(Data entries)
--*--
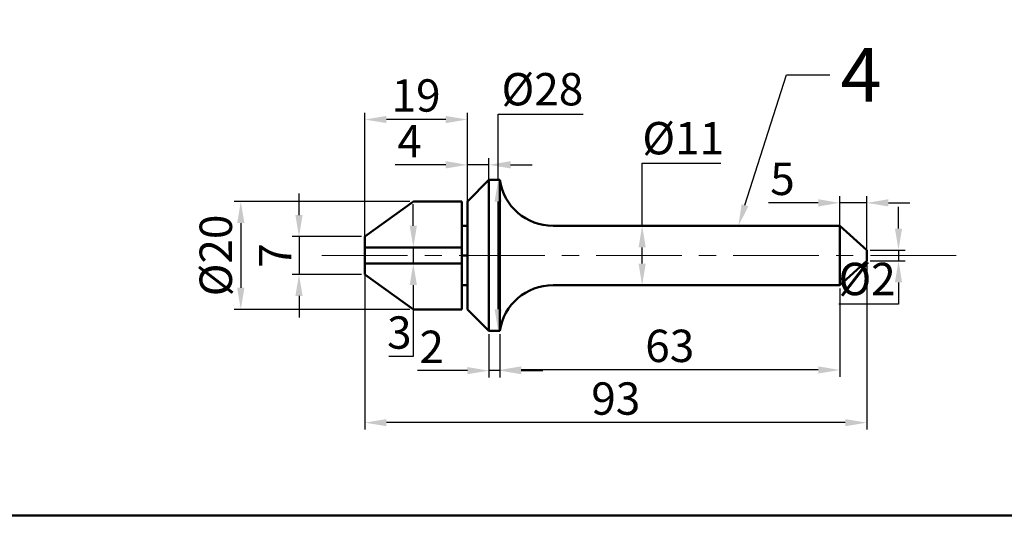
# Model space of a CAD drawing. Units: millimetres. Extents: x -25 to 763, y -62 to 306.
# Tile 2 of 7: x 258 to 440, y -62 to 29. Entities that reach past the tile are written whole.
import ezdxf
from ezdxf import colors
from ezdxf.entities.mleader import LeaderData, LeaderLine
from ezdxf.math import Vec2, Vec3

# ---------------------------------------------------------------- set-up
doc = ezdxf.new("R2010")
doc.units = ezdxf.units.MM
doc.header["$LTSCALE"] = 0.5
doc.linetypes.add('CENTER', pattern=[50.8, 31.75, -6.35, 6.35, -6.35])
for name, color, linetype, lineweight in [('M-CNTR', 1, 'CENTER', 18), ('M-DIMS', 2, 'Continuous', 25), ('M-OUTL', 7, 'Continuous', 50), ('M-TEXT', 3, 'Continuous', 25), ('M-TTLB', 7, 'Continuous', 50)]:
    doc.layers.add(name, color=color, linetype=linetype, lineweight=lineweight)
doc.styles.get("Standard").update_dxf_attribs({"font": 'arial.ttf'})
doc.dimstyles.new('ISO-25', dxfattribs={"dimtxt": 6, "dimasz": 4, "dimexe": 1.25, "dimexo": 0.625, "dimtad": 1, "dimtoh": 1, "dimdec": 1, "dimtxsty": 'Standard', "dimcen": 2.5, "dimadec": 0, "dimazin": 0, "dimtfac": 1, "dimtdec": 1, "dimtmove": 0, "dimatfit": 3, "dimfxl": 1, "dimarcsym": 0})

# ---------------------------------------------------------------- blocks, each defined once
blk = doc.blocks.new('*U42')
at = {"layer": 'M-CNTR', "color": 0, "transparency": 16777216}
blk.add_line((-20.94, 0), (99.67, 0), dxfattribs=at)
blk = doc.blocks.new('*D43')
at = {"layer": 'Defpoints', "color": 0, "ltscale": 0.5, "transparency": 16777216}
for p in [(414.66, -13.26), (414.66, -15.26), (420.54, -15.26)]:
    blk.add_point(p, dxfattribs=at)
at = {"layer": 'M-DIMS', "color": 0, "lineweight": -2, "ltscale": 0.5, "transparency": 16777216}
for p, q in [((420.54, -9.26), (420.54, -5.26)), ((415.28, -13.26), (421.79, -13.26)), ((420.54, -13.26), (420.54, -15.26)), ((415.28, -15.26), (421.79, -15.26)), ((420.54, -19.26), (420.54, -23.26)), ((420.54, -23.26), (409.51, -23.26))]:
    blk.add_line(p, q, dxfattribs=at)
at = {"layer": 'M-DIMS', "color": 0, "ltscale": 0.5, "transparency": 16777216}
for points in [[(419.87, -9.26), (421.2, -9.26), (420.54, -13.26)], [(419.87, -19.26), (421.2, -19.26), (420.54, -15.26)]]:
    blk.add_solid(points, dxfattribs=at)
at = {"layer": 'M-DIMS', "color": 0, "ltscale": 0.5, "transparency": 16777216, "insert": (414.71, -19.4), "char_height": 6, "attachment_point": 5}
blk.add_mtext('%%C2', dxfattribs=at)
blk = doc.blocks.new('*D44')
at = {"layer": 'Defpoints', "color": 0, "ltscale": 0.5, "transparency": 16777216}
for p in [(409.66, -4.5), (409.66, -14.26), (414.66, -14.26)]:
    blk.add_point(p, dxfattribs=at)
at = {"layer": 'M-DIMS', "color": 0, "lineweight": -2, "ltscale": 0.5, "transparency": 16777216}
for p, q in [((409.66, -13.63), (409.66, -3.25)), ((414.66, -13.63), (414.66, -3.25)), ((405.66, -4.5), (396.43, -4.5)), ((414.66, -4.5), (409.66, -4.5)), ((418.66, -4.5), (422.66, -4.5))]:
    blk.add_line(p, q, dxfattribs=at)
at = {"layer": 'M-DIMS', "color": 0, "ltscale": 0.5, "transparency": 16777216}
for points in [[(405.66, -3.84), (405.66, -5.17), (409.66, -4.5)], [(418.66, -3.84), (418.66, -5.17), (414.66, -4.5)]]:
    blk.add_solid(points, dxfattribs=at)
at = {"layer": 'M-DIMS', "color": 0, "ltscale": 0.5, "transparency": 16777216, "insert": (399.04, -0.83), "char_height": 6, "attachment_point": 5}
blk.add_mtext('5', dxfattribs=at)
blk = doc.blocks.new('*D45')
at = {"layer": 'Defpoints', "color": 0, "ltscale": 0.5, "transparency": 16777216}
for p in [(409.66, -19.76), (346.66, -28.26), (346.66, -35.49)]:
    blk.add_point(p, dxfattribs=at)
at = {"layer": 'M-DIMS', "color": 0, "lineweight": -2, "ltscale": 0.5, "transparency": 16777216}
for p, q in [((409.66, -20.38), (409.66, -36.74)), ((346.66, -28.88), (346.66, -36.74)), ((405.66, -35.49), (350.66, -35.49))]:
    blk.add_line(p, q, dxfattribs=at)
at = {"layer": 'M-DIMS', "color": 0, "ltscale": 0.5, "transparency": 16777216}
for points in [[(350.66, -34.82), (350.66, -36.16), (346.66, -35.49)], [(405.66, -34.82), (405.66, -36.16), (409.66, -35.49)]]:
    blk.add_solid(points, dxfattribs=at)
at = {"layer": 'M-DIMS', "color": 0, "ltscale": 0.5, "transparency": 16777216, "insert": (378.16, -31.8), "char_height": 6, "attachment_point": 5}
blk.add_mtext('63', dxfattribs=at)
blk = doc.blocks.new('*D46')
at = {"layer": 'Defpoints', "color": 0, "ltscale": 0.5, "transparency": 16777216}
for p in [(344.66, -28.26), (346.66, -28.26), (344.66, -35.62)]:
    blk.add_point(p, dxfattribs=at)
at = {"layer": 'M-DIMS', "color": 0, "lineweight": -2, "ltscale": 0.5, "transparency": 16777216}
for p, q in [((344.66, -28.88), (344.66, -36.87)), ((346.66, -28.88), (346.66, -36.87)), ((340.66, -35.62), (331.43, -35.62)), ((346.66, -35.62), (344.66, -35.62)), ((350.66, -35.62), (354.66, -35.62))]:
    blk.add_line(p, q, dxfattribs=at)
at = {"layer": 'M-DIMS', "color": 0, "ltscale": 0.5, "transparency": 16777216}
for points in [[(340.66, -34.95), (340.66, -36.28), (344.66, -35.62)], [(350.66, -34.95), (350.66, -36.28), (346.66, -35.62)]]:
    blk.add_solid(points, dxfattribs=at)
at = {"layer": 'M-DIMS', "color": 0, "ltscale": 0.5, "transparency": 16777216, "insert": (334.05, -31.98), "char_height": 6, "attachment_point": 5}
blk.add_mtext('2', dxfattribs=at)
blk = doc.blocks.new('*D47')
at = {"layer": 'Defpoints', "color": 0, "ltscale": 0.5, "transparency": 16777216}
for p in [(340.66, 2.55), (340.66, -8.98), (344.66, -8.98)]:
    blk.add_point(p, dxfattribs=at)
at = {"layer": 'M-DIMS', "color": 0, "lineweight": -2, "ltscale": 0.5, "transparency": 16777216}
for p, q in [((340.66, -8.35), (340.66, 3.8)), ((344.66, -8.35), (344.66, 3.8)), ((336.66, 2.55), (327.26, 2.55)), ((344.66, 2.55), (340.66, 2.55)), ((348.66, 2.55), (352.66, 2.55))]:
    blk.add_line(p, q, dxfattribs=at)
at = {"layer": 'M-DIMS', "color": 0, "ltscale": 0.5, "transparency": 16777216}
for points in [[(336.66, 3.22), (336.66, 1.88), (340.66, 2.55)], [(348.66, 3.22), (348.66, 1.88), (344.66, 2.55)]]:
    blk.add_solid(points, dxfattribs=at)
at = {"layer": 'M-DIMS', "color": 0, "ltscale": 0.5, "transparency": 16777216, "insert": (329.96, 6.17), "char_height": 6, "attachment_point": 5}
blk.add_mtext('4', dxfattribs=at)
blk = doc.blocks.new('*D48')
at = {"layer": 'Defpoints', "color": 0, "ltscale": 0.5, "transparency": 16777216}
for p in [(321.66, 10.95), (321.66, -14.26), (340.66, -14.26)]:
    blk.add_point(p, dxfattribs=at)
at = {"layer": 'M-DIMS', "color": 0, "lineweight": -2, "ltscale": 0.5, "transparency": 16777216}
for p, q in [((321.66, -13.63), (321.66, 12.2)), ((336.66, 10.95), (325.66, 10.95)), ((340.66, -13.63), (340.66, 12.2))]:
    blk.add_line(p, q, dxfattribs=at)
at = {"layer": 'M-DIMS', "color": 0, "ltscale": 0.5, "transparency": 16777216}
for points in [[(325.66, 11.61), (325.66, 10.28), (321.66, 10.95)], [(336.66, 11.61), (336.66, 10.28), (340.66, 10.95)]]:
    blk.add_solid(points, dxfattribs=at)
at = {"layer": 'M-DIMS', "color": 0, "ltscale": 0.5, "transparency": 16777216, "insert": (331.16, 14.63), "char_height": 6, "attachment_point": 5}
blk.add_mtext('19', dxfattribs=at)
blk = doc.blocks.new('*D49')
at = {"layer": 'Defpoints', "color": 0, "ltscale": 0.5, "transparency": 16777216}
for p in [(331.16, -12.76), (330.65, -15.76), (331.16, -15.76)]:
    blk.add_point(p, dxfattribs=at)
at = {"layer": 'M-DIMS', "color": 0, "lineweight": -2, "ltscale": 0.5, "transparency": 16777216}
for p, q in [((330.65, -8.76), (330.65, -4.76)), ((330.53, -12.76), (329.4, -12.76)), ((330.65, -12.76), (330.65, -15.76)), ((330.53, -15.76), (329.4, -15.76)), ((330.65, -19.76), (330.65, -33.02)), ((330.65, -33.02), (326.09, -33.02))]:
    blk.add_line(p, q, dxfattribs=at)
at = {"layer": 'M-DIMS', "color": 0, "ltscale": 0.5, "transparency": 16777216}
for points in [[(329.98, -8.76), (331.31, -8.76), (330.65, -12.76)], [(329.98, -19.76), (331.31, -19.76), (330.65, -15.76)]]:
    blk.add_solid(points, dxfattribs=at)
at = {"layer": 'M-DIMS', "color": 0, "ltscale": 0.5, "transparency": 16777216, "insert": (328.06, -29.33), "char_height": 6, "attachment_point": 5}
blk.add_mtext('3', dxfattribs=at)
blk = doc.blocks.new('*D50')
at = {"layer": 'Defpoints', "color": 0, "ltscale": 0.5, "transparency": 16777216}
for p in [(321.66, -10.76), (309.47, -17.76), (321.66, -17.76)]:
    blk.add_point(p, dxfattribs=at)
at = {"layer": 'M-DIMS', "color": 0, "lineweight": -2, "ltscale": 0.5, "transparency": 16777216}
for p, q in [((309.47, -6.76), (309.47, -2.76)), ((321.03, -10.76), (308.22, -10.76)), ((309.47, -10.76), (309.47, -17.76)), ((321.03, -17.76), (308.22, -17.76)), ((309.47, -21.76), (309.47, -25.76))]:
    blk.add_line(p, q, dxfattribs=at)
at = {"layer": 'M-DIMS', "color": 0, "ltscale": 0.5, "transparency": 16777216}
for points in [[(308.8, -6.76), (310.14, -6.76), (309.47, -10.76)], [(308.8, -21.76), (310.14, -21.76), (309.47, -17.76)]]:
    blk.add_solid(points, dxfattribs=at)
at = {"layer": 'M-DIMS', "color": 0, "ltscale": 0.5, "transparency": 16777216, "insert": (305.84, -14.26), "char_height": 6, "attachment_point": 5, "rotation": 90}
blk.add_mtext('7', dxfattribs=at)
blk = doc.blocks.new('*D51')
at = {"layer": 'Defpoints', "color": 0, "ltscale": 0.5, "transparency": 16777216}
for p in [(330.66, -4.26), (298.69, -24.26), (330.66, -24.26)]:
    blk.add_point(p, dxfattribs=at)
at = {"layer": 'M-DIMS', "color": 0, "lineweight": -2, "ltscale": 0.5, "transparency": 16777216}
for p, q in [((330.03, -4.26), (297.44, -4.26)), ((298.69, -8.26), (298.69, -20.26)), ((330.03, -24.26), (297.44, -24.26))]:
    blk.add_line(p, q, dxfattribs=at)
at = {"layer": 'M-DIMS', "color": 0, "ltscale": 0.5, "transparency": 16777216}
for points in [[(298.02, -8.26), (299.36, -8.26), (298.69, -4.26)], [(298.02, -20.26), (299.36, -20.26), (298.69, -24.26)]]:
    blk.add_solid(points, dxfattribs=at)
at = {"layer": 'M-DIMS', "color": 0, "ltscale": 0.5, "transparency": 16777216, "insert": (294.83, -14.26), "char_height": 6, "attachment_point": 5, "rotation": 90}
blk.add_mtext('%%C20', dxfattribs=at)
blk = doc.blocks.new('*D52')
at = {"layer": 'Defpoints', "color": 0, "ltscale": 0.5, "transparency": 16777216}
for p in [(346.66, -0.26), (346.37, -28.22), (346.66, -28.22)]:
    blk.add_point(p, dxfattribs=at)
at = {"layer": 'M-DIMS', "color": 0, "lineweight": -2, "ltscale": 0.5, "transparency": 16777216}
for p, q in [((346.37, -0.26), (346.37, 11.94)), ((346.37, 11.94), (362.13, 11.94)), ((346.03, -0.26), (345.12, -0.26)), ((346.37, -24.22), (346.37, -4.26)), ((346.03, -28.22), (345.12, -28.22))]:
    blk.add_line(p, q, dxfattribs=at)
at = {"layer": 'M-DIMS', "color": 0, "ltscale": 0.5, "transparency": 16777216}
for points in [[(345.7, -4.26), (347.04, -4.26), (346.37, -0.26)], [(345.7, -24.22), (347.04, -24.22), (346.37, -28.22)]]:
    blk.add_solid(points, dxfattribs=at)
at = {"layer": 'M-DIMS', "color": 0, "ltscale": 0.5, "transparency": 16777216, "insert": (354.56, 15.79), "char_height": 6, "attachment_point": 5}
blk.add_mtext('%%C28', dxfattribs=at)
blk = doc.blocks.new('*D53')
at = {"layer": 'Defpoints', "color": 0, "ltscale": 0.5, "transparency": 16777216}
for p in [(373.04, -8.76), (383.1, -8.76), (383.1, -19.76)]:
    blk.add_point(p, dxfattribs=at)
at = {"layer": 'M-DIMS', "color": 0, "lineweight": -2, "ltscale": 0.5, "transparency": 16777216}
for p, q in [((373.04, -8.76), (373.04, 2.85)), ((373.04, 2.85), (387.63, 2.85)), ((382.47, -8.76), (371.79, -8.76)), ((373.04, -15.76), (373.04, -12.76)), ((382.47, -19.76), (371.79, -19.76))]:
    blk.add_line(p, q, dxfattribs=at)
at = {"layer": 'M-DIMS', "color": 0, "ltscale": 0.5, "transparency": 16777216}
for points in [[(372.38, -12.76), (373.71, -12.76), (373.04, -8.76)], [(372.38, -15.76), (373.71, -15.76), (373.04, -19.76)]]:
    blk.add_solid(points, dxfattribs=at)
at = {"layer": 'M-DIMS', "color": 0, "ltscale": 0.5, "transparency": 16777216, "insert": (380.65, 6.71), "char_height": 6, "attachment_point": 5}
blk.add_mtext('%%C11', dxfattribs=at)
blk = doc.blocks.new('*D54')
at = {"layer": 'Defpoints', "color": 0, "ltscale": 0.5, "transparency": 16777216}
for p in [(321.66, -14.26), (414.66, -14.26), (321.66, -45.26)]:
    blk.add_point(p, dxfattribs=at)
at = {"layer": 'M-DIMS', "color": 0, "lineweight": -2, "ltscale": 0.5, "transparency": 16777216}
for p, q in [((321.66, -14.88), (321.66, -46.51)), ((414.66, -14.88), (414.66, -46.51)), ((410.66, -45.26), (325.66, -45.26))]:
    blk.add_line(p, q, dxfattribs=at)
at = {"layer": 'M-DIMS', "color": 0, "ltscale": 0.5, "transparency": 16777216}
for points in [[(325.66, -44.6), (325.66, -45.93), (321.66, -45.26)], [(410.66, -44.6), (410.66, -45.93), (414.66, -45.26)]]:
    blk.add_solid(points, dxfattribs=at)
at = {"layer": 'M-DIMS', "color": 0, "ltscale": 0.5, "transparency": 16777216, "insert": (368.16, -41.57), "char_height": 6, "attachment_point": 5}
blk.add_mtext('93', dxfattribs=at)

msp = doc.modelspace()

# ---------------------------------------------------------------- linework, layer by layer
at = {"layer": 'M-OUTL', "ltscale": 0.5}
for p, q in [((344.66, -0.26), (340.66, -4.26)), ((344.66, -28.26), (344.66, -0.26)), ((346.66, -0.26), (344.66, -0.26)), ((346.66, -28.26), (346.66, -0.26)), ((339.66, -24.26), (339.66, -4.26)), ((340.66, -24.26), (340.66, -4.26)), ((340.66, -24.26), (340.66, -4.26)), ((340.66, -8.76), (339.66, -8.76)), ((409.66, -8.76), (356.54, -8.76)), ((409.66, -19.76), (409.66, -8.76)), ((409.66, -8.76), (414.66, -13.26)), ((321.66, -10.76), (321.66, -17.76)), ((339.66, -12.76), (321.66, -12.76)), ((340.66, -14.26), (339.66, -14.26)), ((414.66, -14.26), (414.66, -13.26)), ((414.66, -14.26), (414.66, -15.26)), ((339.66, -15.76), (321.66, -15.76)), ((409.66, -19.76), (414.66, -15.26)), ((340.66, -19.76), (339.66, -19.76)), ((356.54, -19.76), (409.66, -19.76)), ((344.66, -28.26), (340.66, -24.26)), ((344.66, -28.26), (346.66, -28.26))]:
    msp.add_line(p, q, dxfattribs=at)
for points in [[(339.66, -4.26), (330.66, -4.26), (321.66, -10.76)], [(321.66, -17.76), (330.66, -24.26), (339.66, -24.26)]]:
    msp.add_lwpolyline(points, dxfattribs=at)
for centre, start, end in [((356.54, 1.24), 188.6269, 270), ((356.54, -29.76), 90, 171.3731)]:
    msp.add_arc(centre, 10, start, end, dxfattribs=at)
at = {"layer": 'M-TTLB', "ltscale": 0.5}
msp.add_lwpolyline([(229.22, 305.74), (763.29, 305.74), (763.29, -62.45), (229.22, -62.45)], close=True, dxfattribs=at)

# ---------------------------------------------------------------- block references
at = {"layer": 'M-CNTR'}
msp.add_blockref('*U42', (334.66, -14.26), dxfattribs=at)

# ---------------------------------------------------------------- dimensions: what is measured, and where the dimension line sits
at = {"layer": 'M-DIMS', "ltscale": 0.5}
for base, p1, p2, picture, middle in [((321.66, 10.95), (340.66, -14.26), (321.66, -14.26), '*D48', (331.16, 14.63)), ((340.66, 2.55), (344.66, -8.98), (340.66, -8.98), '*D47', (329.96, 6.17)), ((409.66, -4.5), (414.66, -14.26), (409.66, -14.26), '*D44', (399.04, -0.83)), ((321.66, -45.26), (414.66, -14.26), (321.66, -14.26), '*D54', (368.16, -41.57)), ((346.66, -35.49), (409.66, -19.76), (346.66, -28.26), '*D45', (378.16, -31.8)), ((344.66, -35.62), (346.66, -28.26), (344.66, -28.26), '*D46', (334.05, -31.98))]:
    dim = msp.add_linear_dim(base=base, p1=p1, p2=p2, dimstyle='ISO-25', override={"dimclrd": 0, "dimclre": 0, "dimclrt": 0}, dxfattribs=at)
    dim.commit()
    dim.dimension.update_dxf_attribs({"geometry": picture, "text_midpoint": middle})
for base, p1, p2, picture, middle in [((346.37, -28.22), (346.66, -0.26), (346.66, -28.22), '*D52', (354.56, 11.94)), ((373.04, -8.76), (383.1, -19.76), (383.1, -8.76), '*D53', (380.65, 2.85)), ((298.69, -24.26), (330.66, -4.26), (330.66, -24.26), '*D51', (298.69, -14.26))]:
    dim = msp.add_linear_dim(base=base, p1=p1, p2=p2, angle=270, text='%%C<>', dimstyle='ISO-25', override={"dimclrd": 0, "dimclre": 0, "dimclrt": 0}, dxfattribs=at)
    dim.commit()
    dim.dimension.update_dxf_attribs({"geometry": picture, "text_midpoint": middle, "dimtype": 160})
for base, p1, p2, picture, middle in [((309.47, -17.76), (321.66, -10.76), (321.66, -17.76), '*D50', (309.47, -14.26)), ((330.65, -15.76), (331.16, -12.76), (331.16, -15.76), '*D49', (328.06, -33.02))]:
    dim = msp.add_linear_dim(base=base, p1=p1, p2=p2, angle=270, dimstyle='ISO-25', override={"dimclrd": 0, "dimclre": 0, "dimclrt": 0}, dxfattribs=at)
    dim.commit()
    dim.dimension.update_dxf_attribs({"geometry": picture, "text_midpoint": middle, "dimtype": 160})
dim = msp.add_linear_dim(base=(420.54, -15.26), p1=(414.66, -13.26), p2=(414.66, -15.26), angle=270, text='%%C<>', dimstyle='ISO-25', override={"dimclrd": 0, "dimclre": 0, "dimclrt": 0}, dxfattribs=at)
dim.commit()
dim.dimension.update_dxf_attribs({"geometry": '*D43', "text_midpoint": (414.71, -19.4)})

# ---------------------------------------------------------------- leaders
at = {"layer": 'M-TEXT', "ltscale": 0.5}
ml = msp.add_multileader_mtext('Standard', dxfattribs=at)
ml.set_content('4', color=256)
ml.set_leader_properties()
ml.build(insert=Vec2(0, 0))
ctx = ml.context
ctx.base_point, ctx.char_height, ctx.plane_origin = Vec3(407.81, 19.23), 10, Vec3(390.88, -8.76)
notes = []
notes.append((ctx, [(0, (1, 1, 0), (399.81, 19.23), (1, 0), 8, [(0, [(390.88, -8.76)], 0, [])])]))
ctx.mtext.insert, ctx.mtext.flow_direction = Vec3(409.81, 24.23), 5
for ctx, leaders in notes:
    for number, flags, end, landing, length, lines in leaders:
        leader = LeaderData()
        leader.index, (leader.has_last_leader_line, leader.has_dogleg_vector, leader.attachment_direction) = number, flags
        leader.last_leader_point, leader.dogleg_vector, leader.dogleg_length = Vec3(end), Vec3(landing), length
        for number, points, colour, breaks in lines:
            line = LeaderLine()
            line.index, line.vertices, line.color, line.breaks = number, Vec3.list(points), colors.encode_raw_color(colour), breaks
            leader.lines.append(line)
        ctx.leaders.append(leader)

doc.saveas('drawing.dxf')
--*--
> _To do_
The word "LeaderData" may appear in several lines of the data; copy every line where it does.

> _Solved problem_
from ezdxf.entities.mleader import LeaderData, LeaderLine
        leader = LeaderData()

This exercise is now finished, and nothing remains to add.